**WHAT IS REQUIRED**
Scan the records for the string "save", then copy each line that has it.
[Opening DATA SHOWN section]
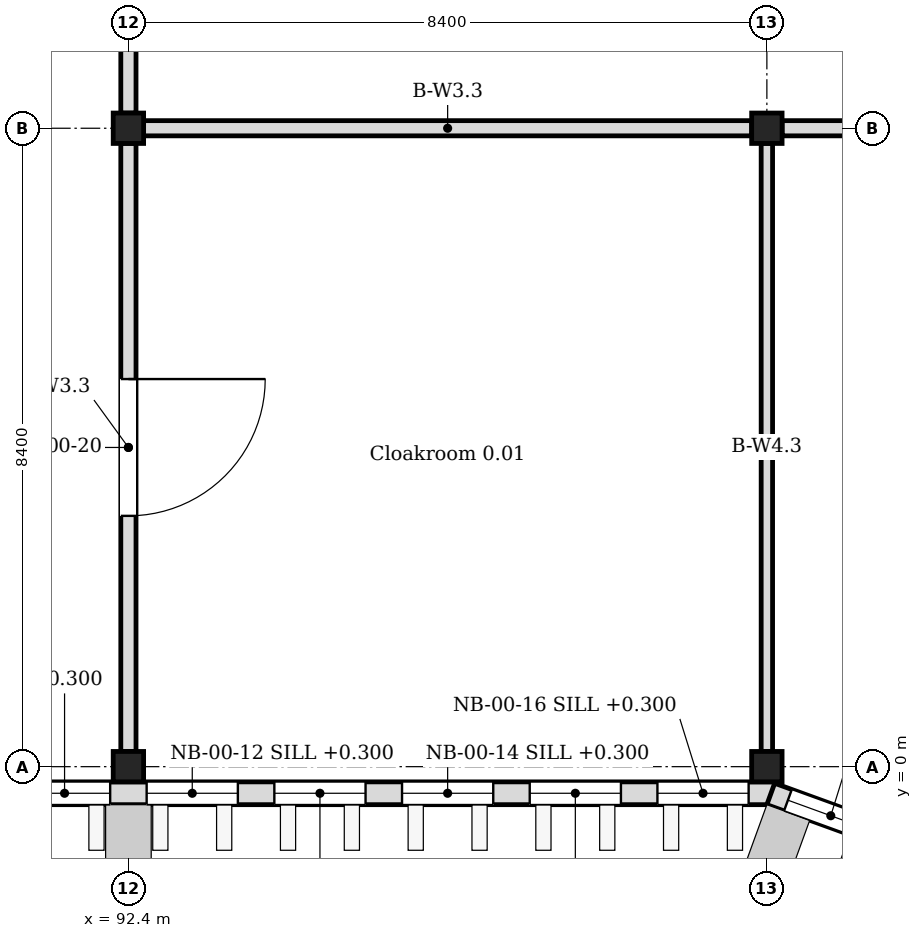
"""IFC4 building model, lengths in metres.
Left out: names, types, materials, properties, quantities, classifications, styles, units other than length and angle.
Written with IfcOpenShell. Run it as: python <this file> out.ifc"""

import sys

from ifc_helpers import new_model, si_unit, direction, frame, frame_2d, origin, origin_2d, place, context, subcontext, project, spatial, rectangle, i_section, extrude, element, fill, save


model = new_model("IFC4")
c1 = context("Model", 3, precision=1e-05, world=origin(), true_north=direction((0.0, 1.0)))
c2 = subcontext(c1, "Body", "Model", "MODEL_VIEW")
j1 = project(units=[si_unit("LENGTHUNIT", "METRE"), si_unit("PLANEANGLEUNIT", "RADIAN")], contexts=[c1])
p1 = place(None, origin())
s1 = spatial("IfcSite", under=j1, at=p1, CompositionType="ELEMENT")
p2 = place(p1, origin())
s2 = spatial("IfcBuilding", under=s1, at=p2, CompositionType="ELEMENT")
p3 = place(p2, origin())
s3 = spatial("IfcBuildingStorey", under=s2, at=p3, CompositionType="ELEMENT", Elevation=0.0)
for number, where, z_axis, x_axis in (
    (1, (92.4, 0.0, 0.0), (0.0, 0.0, 1.0), (1.0, 0.0, 0.0)),
    (2, (92.4, 8.4, 0.0), (0.0, 0.0, 1.0), (1.0, 0.0, 0.0)),
    (3, (100.8, 0.0, 0.0), (0.0, 0.0, 1.0), (1.0, 0.0, 0.0)),
    (4, (100.8, 8.4, 0.0), (0.0, 0.0, 1.0), (1.0, 0.0, 0.0)),
):
    element("IfcColumn", number, at=place(p3, frame(where, z_axis=z_axis, x_axis=x_axis)), inside=s3, PredefinedType="COLUMN", context=c2, shape_type="SweptSolid", body=[
        extrude(i_section(OverallWidth=0.4, OverallDepth=0.4, WebThickness=0.013, FlangeThickness=0.021, FilletRadius=0.022, at=origin_2d()), origin(), (0.0, 0.0, 1.0), 6.0),
    ])
p4 = place(p3, frame((67.1, -0.35, 0.0), z_axis=(0.0, 0.0, 1.0), x_axis=(1.0, 0.0, 0.0)))
e5 = element("IfcWall", 5, at=p4, inside=s3, PredefinedType="SOLIDWALL", context=c2, shape_type="SweptSolid", body=[
    extrude(rectangle(XDim=33.8, YDim=0.3, at=frame_2d((16.9, 0.0))), origin(), (0.0, 0.0, 1.0), 5.85),
])
p5 = place(p4, frame((3.1, 0.0, 0.0)))
e6 = element("IfcOpeningElement", 6, at=p5, cuts=e5, PredefinedType="OPENING", context=c2, shape_type="SweptSolid", body=[
    extrude(rectangle(XDim=2.4, YDim=2.6, at=frame_2d((1.2, 1.3))), frame((0.0, 0.16, 0.0), z_axis=(0.0, -1.0, 0.0), x_axis=(1.0, 0.0, 0.0)), (0.0, 0.0, 1.0), 0.32),
])
p6 = place(p4, frame((11.5, 0.0, 0.0)))
e7 = element("IfcOpeningElement", 7, at=p6, cuts=e5, PredefinedType="OPENING", context=c2, shape_type="SweptSolid", body=[
    extrude(rectangle(XDim=2.4, YDim=2.6, at=frame_2d((1.2, 1.3))), frame((0.0, 0.16, 0.0), z_axis=(0.0, -1.0, 0.0), x_axis=(1.0, 0.0, 0.0)), (0.0, 0.0, 1.0), 0.32),
])
p7 = place(p4, frame((19.9, 0.0, 0.0)))
e8 = element("IfcOpeningElement", 8, at=p7, cuts=e5, PredefinedType="OPENING", context=c2, shape_type="SweptSolid", body=[
    extrude(rectangle(XDim=2.4, YDim=2.6, at=frame_2d((1.2, 1.3))), frame((0.0, 0.16, 0.0), z_axis=(0.0, -1.0, 0.0), x_axis=(1.0, 0.0, 0.0)), (0.0, 0.0, 1.0), 0.32),
])
p8 = place(p4, frame((0.34, 0.0, 0.3)))
e9 = element("IfcOpeningElement", 9, at=p8, cuts=e5, PredefinedType="OPENING", context=c2, shape_type="SweptSolid", body=[
    extrude(rectangle(XDim=1.2, YDim=4.2, at=frame_2d((0.6, 2.1))), frame((0.0, 0.16, 0.0), z_axis=(0.0, -1.0, 0.0), x_axis=(1.0, 0.0, 0.0)), (0.0, 0.0, 1.0), 0.32),
])
p9 = place(p4, frame((7.06, 0.0, 0.3)))
e10 = element("IfcOpeningElement", 10, at=p9, cuts=e5, PredefinedType="OPENING", context=c2, shape_type="SweptSolid", body=[
    extrude(rectangle(XDim=1.2, YDim=4.2, at=frame_2d((0.6, 2.1))), frame((0.0, 0.16, 0.0), z_axis=(0.0, -1.0, 0.0), x_axis=(1.0, 0.0, 0.0)), (0.0, 0.0, 1.0), 0.32),
])
p10 = place(p4, frame((8.74, 0.0, 0.3)))
e11 = element("IfcOpeningElement", 11, at=p10, cuts=e5, PredefinedType="OPENING", context=c2, shape_type="SweptSolid", body=[
    extrude(rectangle(XDim=1.2, YDim=4.2, at=frame_2d((0.6, 2.1))), frame((0.0, 0.16, 0.0), z_axis=(0.0, -1.0, 0.0), x_axis=(1.0, 0.0, 0.0)), (0.0, 0.0, 1.0), 0.32),
])
p11 = place(p4, frame((15.46, 0.0, 0.3)))
e12 = element("IfcOpeningElement", 12, at=p11, cuts=e5, PredefinedType="OPENING", context=c2, shape_type="SweptSolid", body=[
    extrude(rectangle(XDim=1.2, YDim=4.2, at=frame_2d((0.6, 2.1))), frame((0.0, 0.16, 0.0), z_axis=(0.0, -1.0, 0.0), x_axis=(1.0, 0.0, 0.0)), (0.0, 0.0, 1.0), 0.32),
])
p12 = place(p4, frame((17.14, 0.0, 0.3)))
e13 = element("IfcOpeningElement", 13, at=p12, cuts=e5, PredefinedType="OPENING", context=c2, shape_type="SweptSolid", body=[
    extrude(rectangle(XDim=1.2, YDim=4.2, at=frame_2d((0.6, 2.1))), frame((0.0, 0.16, 0.0), z_axis=(0.0, -1.0, 0.0), x_axis=(1.0, 0.0, 0.0)), (0.0, 0.0, 1.0), 0.32),
])
p13 = place(p4, frame((23.86, 0.0, 0.3)))
e14 = element("IfcOpeningElement", 14, at=p13, cuts=e5, PredefinedType="OPENING", context=c2, shape_type="SweptSolid", body=[
    extrude(rectangle(XDim=1.2, YDim=4.2, at=frame_2d((0.6, 2.1))), frame((0.0, 0.16, 0.0), z_axis=(0.0, -1.0, 0.0), x_axis=(1.0, 0.0, 0.0)), (0.0, 0.0, 1.0), 0.32),
])
p14 = place(p4, frame((25.54, 0.0, 0.3)))
e15 = element("IfcOpeningElement", 15, at=p14, cuts=e5, PredefinedType="OPENING", context=c2, shape_type="SweptSolid", body=[
    extrude(rectangle(XDim=1.2, YDim=4.2, at=frame_2d((0.6, 2.1))), frame((0.0, 0.16, 0.0), z_axis=(0.0, -1.0, 0.0), x_axis=(1.0, 0.0, 0.0)), (0.0, 0.0, 1.0), 0.32),
])
p15 = place(p4, frame((27.22, 0.0, 0.3)))
e16 = element("IfcOpeningElement", 16, at=p15, cuts=e5, PredefinedType="OPENING", context=c2, shape_type="SweptSolid", body=[
    extrude(rectangle(XDim=1.2, YDim=4.2, at=frame_2d((0.6, 2.1))), frame((0.0, 0.16, 0.0), z_axis=(0.0, -1.0, 0.0), x_axis=(1.0, 0.0, 0.0)), (0.0, 0.0, 1.0), 0.32),
])
p16 = place(p4, frame((28.9, 0.0, 0.3)))
e17 = element("IfcOpeningElement", 17, at=p16, cuts=e5, PredefinedType="OPENING", context=c2, shape_type="SweptSolid", body=[
    extrude(rectangle(XDim=1.2, YDim=4.2, at=frame_2d((0.6, 2.1))), frame((0.0, 0.16, 0.0), z_axis=(0.0, -1.0, 0.0), x_axis=(1.0, 0.0, 0.0)), (0.0, 0.0, 1.0), 0.32),
])
p17 = place(p4, frame((30.58, 0.0, 0.3)))
e18 = element("IfcOpeningElement", 18, at=p17, cuts=e5, PredefinedType="OPENING", context=c2, shape_type="SweptSolid", body=[
    extrude(rectangle(XDim=1.2, YDim=4.2, at=frame_2d((0.6, 2.1))), frame((0.0, 0.16, 0.0), z_axis=(0.0, -1.0, 0.0), x_axis=(1.0, 0.0, 0.0)), (0.0, 0.0, 1.0), 0.32),
])
p18 = place(p4, frame((32.26, 0.0, 0.3)))
e19 = element("IfcOpeningElement", 19, at=p18, cuts=e5, PredefinedType="OPENING", context=c2, shape_type="SweptSolid", body=[
    extrude(rectangle(XDim=1.2, YDim=4.2, at=frame_2d((0.6, 2.1))), frame((0.0, 0.16, 0.0), z_axis=(0.0, -1.0, 0.0), x_axis=(1.0, 0.0, 0.0)), (0.0, 0.0, 1.0), 0.32),
])
p19 = place(p3, frame((100.851, -0.359, 0.0), z_axis=(0.0, 0.0, 1.0), x_axis=(0.939953187971, -0.341303390584, 0.0)))
e20 = element("IfcWall", 20, at=p19, inside=s3, PredefinedType="SOLIDWALL", context=c2, shape_type="SweptSolid", body=[
    extrude(rectangle(XDim=8.828, YDim=0.3, at=frame_2d((4.414, 0.0))), origin(), (0.0, 0.0, 1.0), 5.85),
])
p20 = place(p19, frame((3.268, 0.0, 0.0)))
e21 = element("IfcOpeningElement", 21, at=p20, cuts=e20, PredefinedType="OPENING", context=c2, shape_type="SweptSolid", body=[
    extrude(rectangle(XDim=2.4, YDim=2.6, at=frame_2d((1.2, 1.3))), frame((0.0, 0.16, 0.0), z_axis=(0.0, -1.0, 0.0), x_axis=(1.0, 0.0, 0.0)), (0.0, 0.0, 1.0), 0.32),
])
p21 = place(p19, frame((0.24, 0.0, 0.3)))
e22 = element("IfcOpeningElement", 22, at=p21, cuts=e20, PredefinedType="OPENING", context=c2, shape_type="SweptSolid", body=[
    extrude(rectangle(XDim=1.2, YDim=4.2, at=frame_2d((0.6, 2.1))), frame((0.0, 0.16, 0.0), z_axis=(0.0, -1.0, 0.0), x_axis=(1.0, 0.0, 0.0)), (0.0, 0.0, 1.0), 0.32),
])
p22 = place(p19, frame((6.96, 0.0, 0.3)))
e23 = element("IfcOpeningElement", 23, at=p22, cuts=e20, PredefinedType="OPENING", context=c2, shape_type="SweptSolid", body=[
    extrude(rectangle(XDim=1.2, YDim=4.2, at=frame_2d((0.6, 2.1))), frame((0.0, 0.16, 0.0), z_axis=(0.0, -1.0, 0.0), x_axis=(1.0, 0.0, 0.0)), (0.0, 0.0, 1.0), 0.32),
])
p23 = place(p3, frame((92.6, 8.4, 0.0), z_axis=(0.0, 0.0, 1.0), x_axis=(1.0, 0.0, 0.0)))
e24 = element("IfcWall", 24, at=p23, inside=s3, PredefinedType="PARTITIONING", context=c2, shape_type="SweptSolid", body=[
    extrude(rectangle(XDim=8.0, YDim=0.2, at=frame_2d((4.0, 0.0))), origin(), (0.0, 0.0, 1.0), 5.05),
])
p24 = place(p3, frame((101.0, 8.4, 0.0), z_axis=(0.0, 0.0, 1.0), x_axis=(1.0, 0.0, 0.0)))
e25 = element("IfcWall", 25, at=p24, inside=s3, PredefinedType="PARTITIONING", context=c2, shape_type="SweptSolid", body=[
    extrude(rectangle(XDim=8.0, YDim=0.2, at=frame_2d((4.0, 0.0))), origin(), (0.0, 0.0, 1.0), 5.05),
])
p25 = place(p24, frame((3.0, 0.0, 0.0)))
e26 = element("IfcOpeningElement", 26, at=p25, cuts=e25, PredefinedType="OPENING", context=c2, shape_type="SweptSolid", body=[
    extrude(rectangle(XDim=2.0, YDim=2.7, at=frame_2d((1.0, 1.35))), frame((0.0, 0.11, 0.0), z_axis=(0.0, -1.0, 0.0), x_axis=(1.0, 0.0, 0.0)), (0.0, 0.0, 1.0), 0.22),
])
p26 = place(p3, frame((92.4, 0.2, 0.0), z_axis=(0.0, 0.0, 1.0), x_axis=(0.0, 1.0, 0.0)))
e27 = element("IfcWall", 27, at=p26, inside=s3, PredefinedType="PARTITIONING", context=c2, shape_type="SweptSolid", body=[
    extrude(rectangle(XDim=8.0, YDim=0.2, at=frame_2d((4.0, 0.0))), origin(), (0.0, 0.0, 1.0), 5.05),
])
p27 = place(p26, frame((3.1, 0.0, 0.0)))
e28 = element("IfcOpeningElement", 28, at=p27, cuts=e27, PredefinedType="OPENING", context=c2, shape_type="SweptSolid", body=[
    extrude(rectangle(XDim=1.8, YDim=2.1, at=frame_2d((0.9, 1.05))), frame((0.0, 0.11, 0.0), z_axis=(0.0, -1.0, 0.0), x_axis=(1.0, 0.0, 0.0)), (0.0, 0.0, 1.0), 0.22),
])
p28 = place(p3, frame((92.4, 8.6, 0.0), z_axis=(0.0, 0.0, 1.0), x_axis=(0.0, 1.0, 0.0)))
e29 = element("IfcWall", 29, at=p28, inside=s3, PredefinedType="PARTITIONING", context=c2, shape_type="SweptSolid", body=[
    extrude(rectangle(XDim=8.0, YDim=0.2, at=frame_2d((4.0, 0.0))), origin(), (0.0, 0.0, 1.0), 5.05),
])
p29 = place(p28, frame((2.8, 0.0, 0.0)))
e30 = element("IfcOpeningElement", 30, at=p29, cuts=e29, PredefinedType="OPENING", context=c2, shape_type="SweptSolid", body=[
    extrude(rectangle(XDim=2.4, YDim=2.2, at=frame_2d((1.2, 1.1))), frame((0.0, 0.11, 0.0), z_axis=(0.0, -1.0, 0.0), x_axis=(1.0, 0.0, 0.0)), (0.0, 0.0, 1.0), 0.22),
])
p30 = place(p3, frame((100.8, 0.2, 0.0), z_axis=(0.0, 0.0, 1.0), x_axis=(0.0, 1.0, 0.0)))
e31 = element("IfcWall", 31, at=p30, inside=s3, PredefinedType="PARTITIONING", context=c2, shape_type="SweptSolid", body=[
    extrude(rectangle(XDim=8.0, YDim=0.15, at=frame_2d((4.0, 0.0))), origin(), (0.0, 0.0, 1.0), 5.05),
])
p31 = place(p13, origin())
e32 = element("IfcWindow", 32, at=p31, inside=s3, PartitioningType="TRIPLE_PANEL_VERTICAL", PredefinedType="WINDOW", context=c2, shape_type="SweptSolid", body=[
    extrude(rectangle(XDim=1.2, YDim=4.2, at=frame_2d((0.6, 2.1))), frame((0.0, 0.03, 0.0), z_axis=(0.0, -1.0, 0.0), x_axis=(1.0, 0.0, 0.0)), (0.0, 0.0, 1.0), 0.06),
])
fill(e14, e32)
p32 = place(p14, origin())
e33 = element("IfcWindow", 33, at=p32, inside=s3, PartitioningType="TRIPLE_PANEL_VERTICAL", PredefinedType="WINDOW", context=c2, shape_type="SweptSolid", body=[
    extrude(rectangle(XDim=1.2, YDim=4.2, at=frame_2d((0.6, 2.1))), frame((0.0, 0.03, 0.0), z_axis=(0.0, -1.0, 0.0), x_axis=(1.0, 0.0, 0.0)), (0.0, 0.0, 1.0), 0.06),
])
fill(e15, e33)
p33 = place(p15, origin())
e34 = element("IfcWindow", 34, at=p33, inside=s3, PartitioningType="TRIPLE_PANEL_VERTICAL", PredefinedType="WINDOW", context=c2, shape_type="SweptSolid", body=[
    extrude(rectangle(XDim=1.2, YDim=4.2, at=frame_2d((0.6, 2.1))), frame((0.0, 0.03, 0.0), z_axis=(0.0, -1.0, 0.0), x_axis=(1.0, 0.0, 0.0)), (0.0, 0.0, 1.0), 0.06),
])
fill(e16, e34)
p34 = place(p16, origin())
e35 = element("IfcWindow", 35, at=p34, inside=s3, PartitioningType="TRIPLE_PANEL_VERTICAL", PredefinedType="WINDOW", context=c2, shape_type="SweptSolid", body=[
    extrude(rectangle(XDim=1.2, YDim=4.2, at=frame_2d((0.6, 2.1))), frame((0.0, 0.03, 0.0), z_axis=(0.0, -1.0, 0.0), x_axis=(1.0, 0.0, 0.0)), (0.0, 0.0, 1.0), 0.06),
])
fill(e17, e35)
p35 = place(p17, origin())
e36 = element("IfcWindow", 36, at=p35, inside=s3, PartitioningType="TRIPLE_PANEL_VERTICAL", PredefinedType="WINDOW", context=c2, shape_type="SweptSolid", body=[
    extrude(rectangle(XDim=1.2, YDim=4.2, at=frame_2d((0.6, 2.1))), frame((0.0, 0.03, 0.0), z_axis=(0.0, -1.0, 0.0), x_axis=(1.0, 0.0, 0.0)), (0.0, 0.0, 1.0), 0.06),
])
fill(e18, e36)
p36 = place(p18, origin())
e37 = element("IfcWindow", 37, at=p36, inside=s3, PartitioningType="TRIPLE_PANEL_VERTICAL", PredefinedType="WINDOW", context=c2, shape_type="SweptSolid", body=[
    extrude(rectangle(XDim=1.2, YDim=4.2, at=frame_2d((0.6, 2.1))), frame((0.0, 0.03, 0.0), z_axis=(0.0, -1.0, 0.0), x_axis=(1.0, 0.0, 0.0)), (0.0, 0.0, 1.0), 0.06),
])
fill(e19, e37)
p37 = place(p21, origin())
e38 = element("IfcWindow", 38, at=p37, inside=s3, PartitioningType="TRIPLE_PANEL_VERTICAL", PredefinedType="WINDOW", context=c2, shape_type="SweptSolid", body=[
    extrude(rectangle(XDim=1.2, YDim=4.2, at=frame_2d((0.6, 2.1))), frame((0.0, 0.03, 0.0), z_axis=(0.0, -1.0, 0.0), x_axis=(1.0, 0.0, 0.0)), (0.0, 0.0, 1.0), 0.06),
])
fill(e22, e38)
p38 = place(p27, origin())
e39 = element("IfcDoor", 39, at=p38, inside=s3, OperationType="DOUBLE_DOOR_SINGLE_SWING", PredefinedType="DOOR", context=c2, shape_type="SweptSolid", body=[
    extrude(rectangle(XDim=1.8, YDim=2.1, at=frame_2d((0.9, 1.05))), frame((0.0, 0.025, 0.0), z_axis=(0.0, -1.0, 0.0), x_axis=(1.0, 0.0, 0.0)), (0.0, 0.0, 1.0), 0.05),
])
fill(e28, e39)
save(model, sys.argv[1])
[Closing DATA SHOWN section]
**RESPONSE AREA**
from ifc_helpers import new_model, si_unit, direction, frame, frame_2d, origin, origin_2d, place, context, subcontext, project, spatial, rectangle, i_section, extrude, element, fill, save
save(model, sys.argv[1])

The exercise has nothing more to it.